[Stored entries]
============================================================

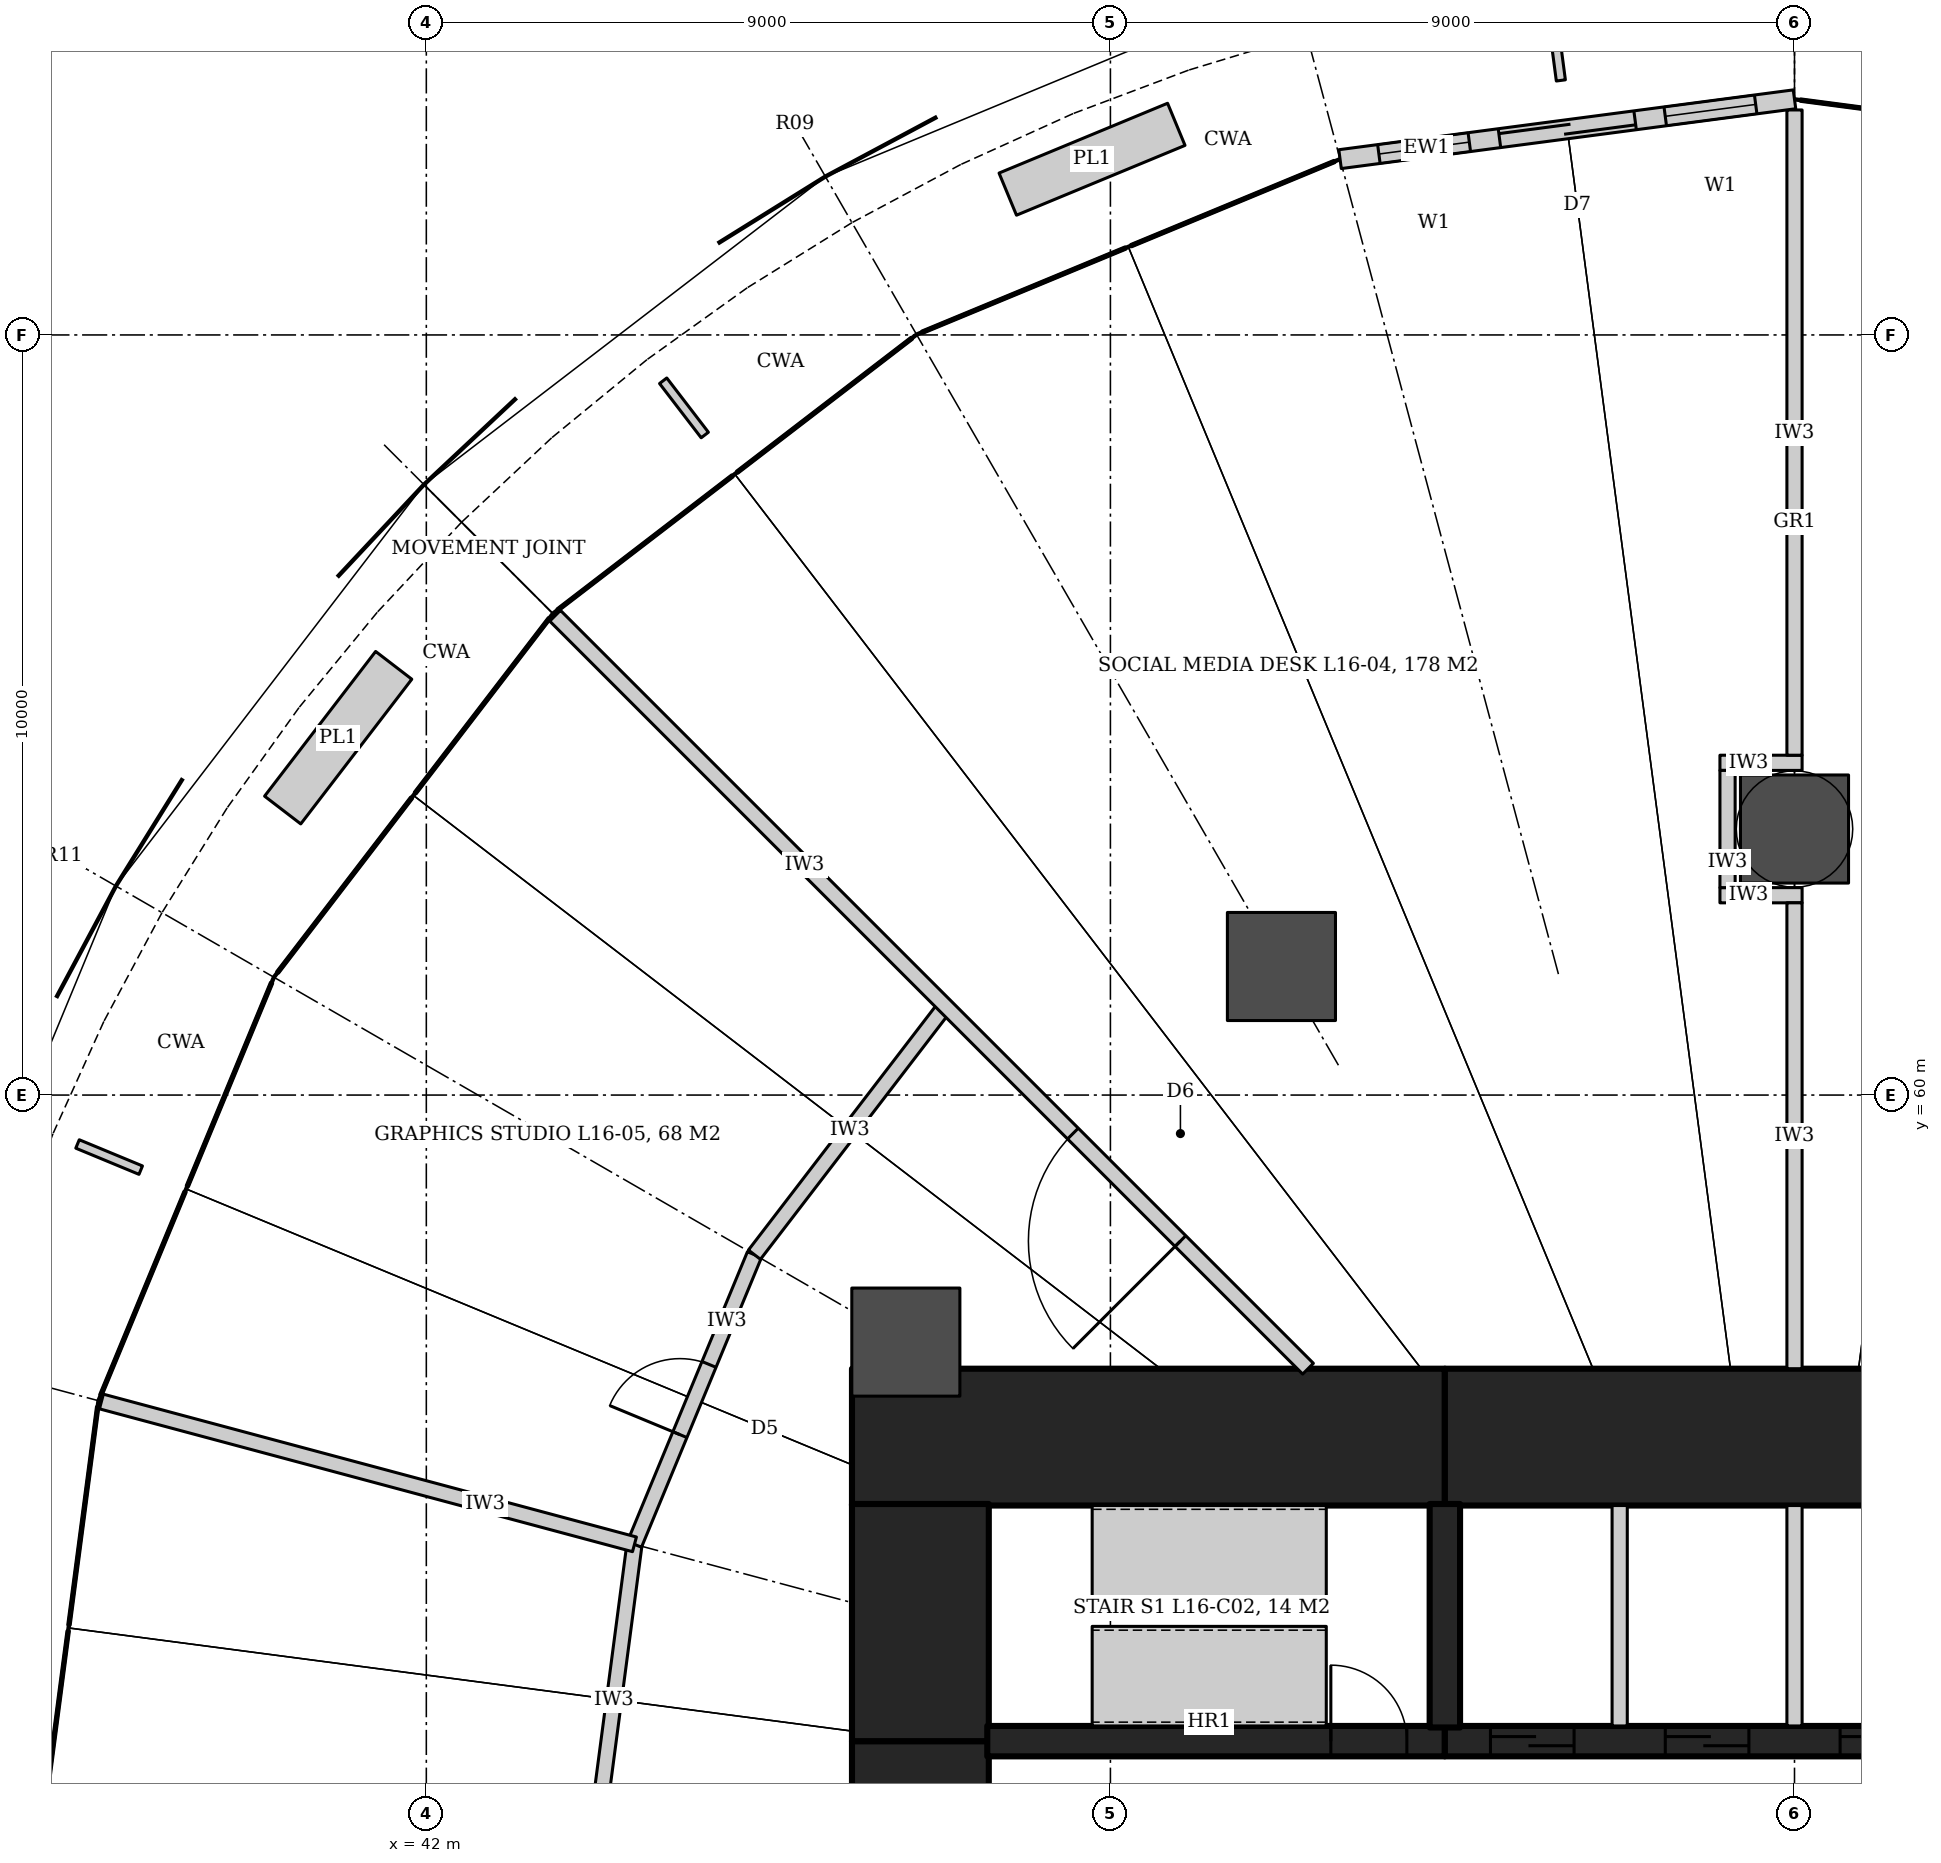
"""IFC4 building model, lengths in metres.
Left out: names, types, materials, properties, quantities, classifications, styles, units other than length and angle.
Written with IfcOpenShell. Run it as: python <this file> out.ifc"""

import sys

from ifc_helpers import new_model, si_unit, direction, frame, frame_2d, origin, origin_2d, place, context, subcontext, project, spatial, rectangle, hollow_circle, extrude, element, fill, save


model = new_model("IFC4")
c1 = context("Model", 3, precision=1e-05, world=origin(), true_north=direction((0.0, 1.0)))
c2 = subcontext(c1, "Body", "Model", "MODEL_VIEW")
j1 = project(units=[si_unit("LENGTHUNIT", "METRE"), si_unit("PLANEANGLEUNIT", "RADIAN")], contexts=[c1])
p1 = place(None, origin())
s1 = spatial("IfcSite", under=j1, at=p1, CompositionType="ELEMENT")
p2 = place(p1, origin())
s2 = spatial("IfcBuilding", under=s1, at=p2, CompositionType="ELEMENT")
p3 = place(p2, frame((0.0, 0.0, 68.0)))
s3 = spatial("IfcBuildingStorey", under=s2, at=p3, CompositionType="ELEMENT", Elevation=68.0)
p4 = place(p3, frame((47.6, 55.5, 0.0), z_axis=(0.0, 0.0, 1.0), x_axis=(1.0, 0.0, 0.0)))
e1 = element("IfcWall", 1, at=p4, inside=s3, PredefinedType="SHEAR", context=c2, shape_type="SweptSolid", body=[
    extrude(rectangle(XDim=7.8, YDim=1.8, at=frame_2d((3.9, 0.0))), origin(), (0.0, 0.0, 1.0), 4.2),
])
p5 = place(p3, frame((55.4, 55.5, 0.0), z_axis=(0.0, 0.0, 1.0), x_axis=(1.0, 0.0, 0.0)))
e2 = element("IfcWall", 2, at=p5, inside=s3, PredefinedType="SHEAR", context=c2, shape_type="SweptSolid", body=[
    extrude(rectangle(XDim=9.2, YDim=1.8, at=frame_2d((4.6, 0.0))), origin(), (0.0, 0.0, 1.0), 4.2),
])
p6 = place(p3, frame((48.5, 48.5, 0.0), z_axis=(0.0, 0.0, 1.0), x_axis=(0.0, 1.0, 0.0)))
e3 = element("IfcWall", 3, at=p6, inside=s3, PredefinedType="SHEAR", context=c2, shape_type="SweptSolid", body=[
    extrude(rectangle(XDim=3.0, YDim=1.8, at=frame_2d((1.5, 0.0))), origin(), (0.0, 0.0, 1.0), 4.2),
])
p7 = place(p6, frame((0.6, 0.0, 0.0)))
e4 = element("IfcOpeningElement", 4, at=p7, cuts=e3, PredefinedType="OPENING", context=c2, shape_type="SweptSolid", body=[
    extrude(rectangle(XDim=1.8, YDim=2.1, at=frame_2d((0.9, 1.05))), frame((0.0, 0.91, 0.0), z_axis=(0.0, -1.0, 0.0), x_axis=(1.0, 0.0, 0.0)), (0.0, 0.0, 1.0), 1.82),
])
p8 = place(p3, frame((48.5, 51.5, 0.0), z_axis=(0.0, 0.0, 1.0), x_axis=(0.0, 1.0, 0.0)))
e5 = element("IfcWall", 5, at=p8, inside=s3, PredefinedType="SHEAR", context=c2, shape_type="SweptSolid", body=[
    extrude(rectangle(XDim=3.12, YDim=1.8, at=frame_2d((1.56, 0.0))), origin(), (0.0, 0.0, 1.0), 4.2),
])
p9 = place(p3, frame((49.38, 51.5, 0.0), z_axis=(0.0, 0.0, 1.0), x_axis=(1.0, 0.0, 0.0)))
e6 = element("IfcWall", 6, at=p9, inside=s3, PredefinedType="SHEAR", context=c2, shape_type="SweptSolid", body=[
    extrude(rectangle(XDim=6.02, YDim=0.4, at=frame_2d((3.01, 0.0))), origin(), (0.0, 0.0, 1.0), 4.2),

============================================================

§ What is being asked:
Output a faithful copy of the data, with each picture left out.

§ The answer:
"""IFC4 building model, lengths in metres.
Left out: names, types, materials, properties, quantities, classifications, styles, units other than length and angle.
Written with IfcOpenShell. Run it as: python <this file> out.ifc"""

import sys

from ifc_helpers import new_model, si_unit, direction, frame, frame_2d, origin, origin_2d, place, context, subcontext, project, spatial, rectangle, hollow_circle, extrude, element, fill, save


model = new_model("IFC4")
c1 = context("Model", 3, precision=1e-05, world=origin(), true_north=direction((0.0, 1.0)))
c2 = subcontext(c1, "Body", "Model", "MODEL_VIEW")
j1 = project(units=[si_unit("LENGTHUNIT", "METRE"), si_unit("PLANEANGLEUNIT", "RADIAN")], contexts=[c1])
p1 = place(None, origin())
s1 = spatial("IfcSite", under=j1, at=p1, CompositionType="ELEMENT")
p2 = place(p1, origin())
s2 = spatial("IfcBuilding", under=s1, at=p2, CompositionType="ELEMENT")
p3 = place(p2, frame((0.0, 0.0, 68.0)))
s3 = spatial("IfcBuildingStorey", under=s2, at=p3, CompositionType="ELEMENT", Elevation=68.0)
p4 = place(p3, frame((47.6, 55.5, 0.0), z_axis=(0.0, 0.0, 1.0), x_axis=(1.0, 0.0, 0.0)))
e1 = element("IfcWall", 1, at=p4, inside=s3, PredefinedType="SHEAR", context=c2, shape_type="SweptSolid", body=[
    extrude(rectangle(XDim=7.8, YDim=1.8, at=frame_2d((3.9, 0.0))), origin(), (0.0, 0.0, 1.0), 4.2),
])
p5 = place(p3, frame((55.4, 55.5, 0.0), z_axis=(0.0, 0.0, 1.0), x_axis=(1.0, 0.0, 0.0)))
e2 = element("IfcWall", 2, at=p5, inside=s3, PredefinedType="SHEAR", context=c2, shape_type="SweptSolid", body=[
    extrude(rectangle(XDim=9.2, YDim=1.8, at=frame_2d((4.6, 0.0))), origin(), (0.0, 0.0, 1.0), 4.2),
])
p6 = place(p3, frame((48.5, 48.5, 0.0), z_axis=(0.0, 0.0, 1.0), x_axis=(0.0, 1.0, 0.0)))
e3 = element("IfcWall", 3, at=p6, inside=s3, PredefinedType="SHEAR", context=c2, shape_type="SweptSolid", body=[
    extrude(rectangle(XDim=3.0, YDim=1.8, at=frame_2d((1.5, 0.0))), origin(), (0.0, 0.0, 1.0), 4.2),
])
p7 = place(p6, frame((0.6, 0.0, 0.0)))
e4 = element("IfcOpeningElement", 4, at=p7, cuts=e3, PredefinedType="OPENING", context=c2, shape_type="SweptSolid", body=[
    extrude(rectangle(XDim=1.8, YDim=2.1, at=frame_2d((0.9, 1.05))), frame((0.0, 0.91, 0.0), z_axis=(0.0, -1.0, 0.0), x_axis=(1.0, 0.0, 0.0)), (0.0, 0.0, 1.0), 1.82),
])
p8 = place(p3, frame((48.5, 51.5, 0.0), z_axis=(0.0, 0.0, 1.0), x_axis=(0.0, 1.0, 0.0)))
e5 = element("IfcWall", 5, at=p8, inside=s3, PredefinedType="SHEAR", context=c2, shape_type="SweptSolid", body=[
    extrude(rectangle(XDim=3.12, YDim=1.8, at=frame_2d((1.56, 0.0))), origin(), (0.0, 0.0, 1.0), 4.2),
])
p9 = place(p3, frame((49.38, 51.5, 0.0), z_axis=(0.0, 0.0, 1.0), x_axis=(1.0, 0.0, 0.0)))
e6 = element("IfcWall", 6, at=p9, inside=s3, PredefinedType="SHEAR", context=c2, shape_type="SweptSolid", body=[
    extrude(rectangle(XDim=6.02, YDim=0.4, at=frame_2d((3.01, 0.0))), origin(), (0.0, 0.0, 1.0), 4.2),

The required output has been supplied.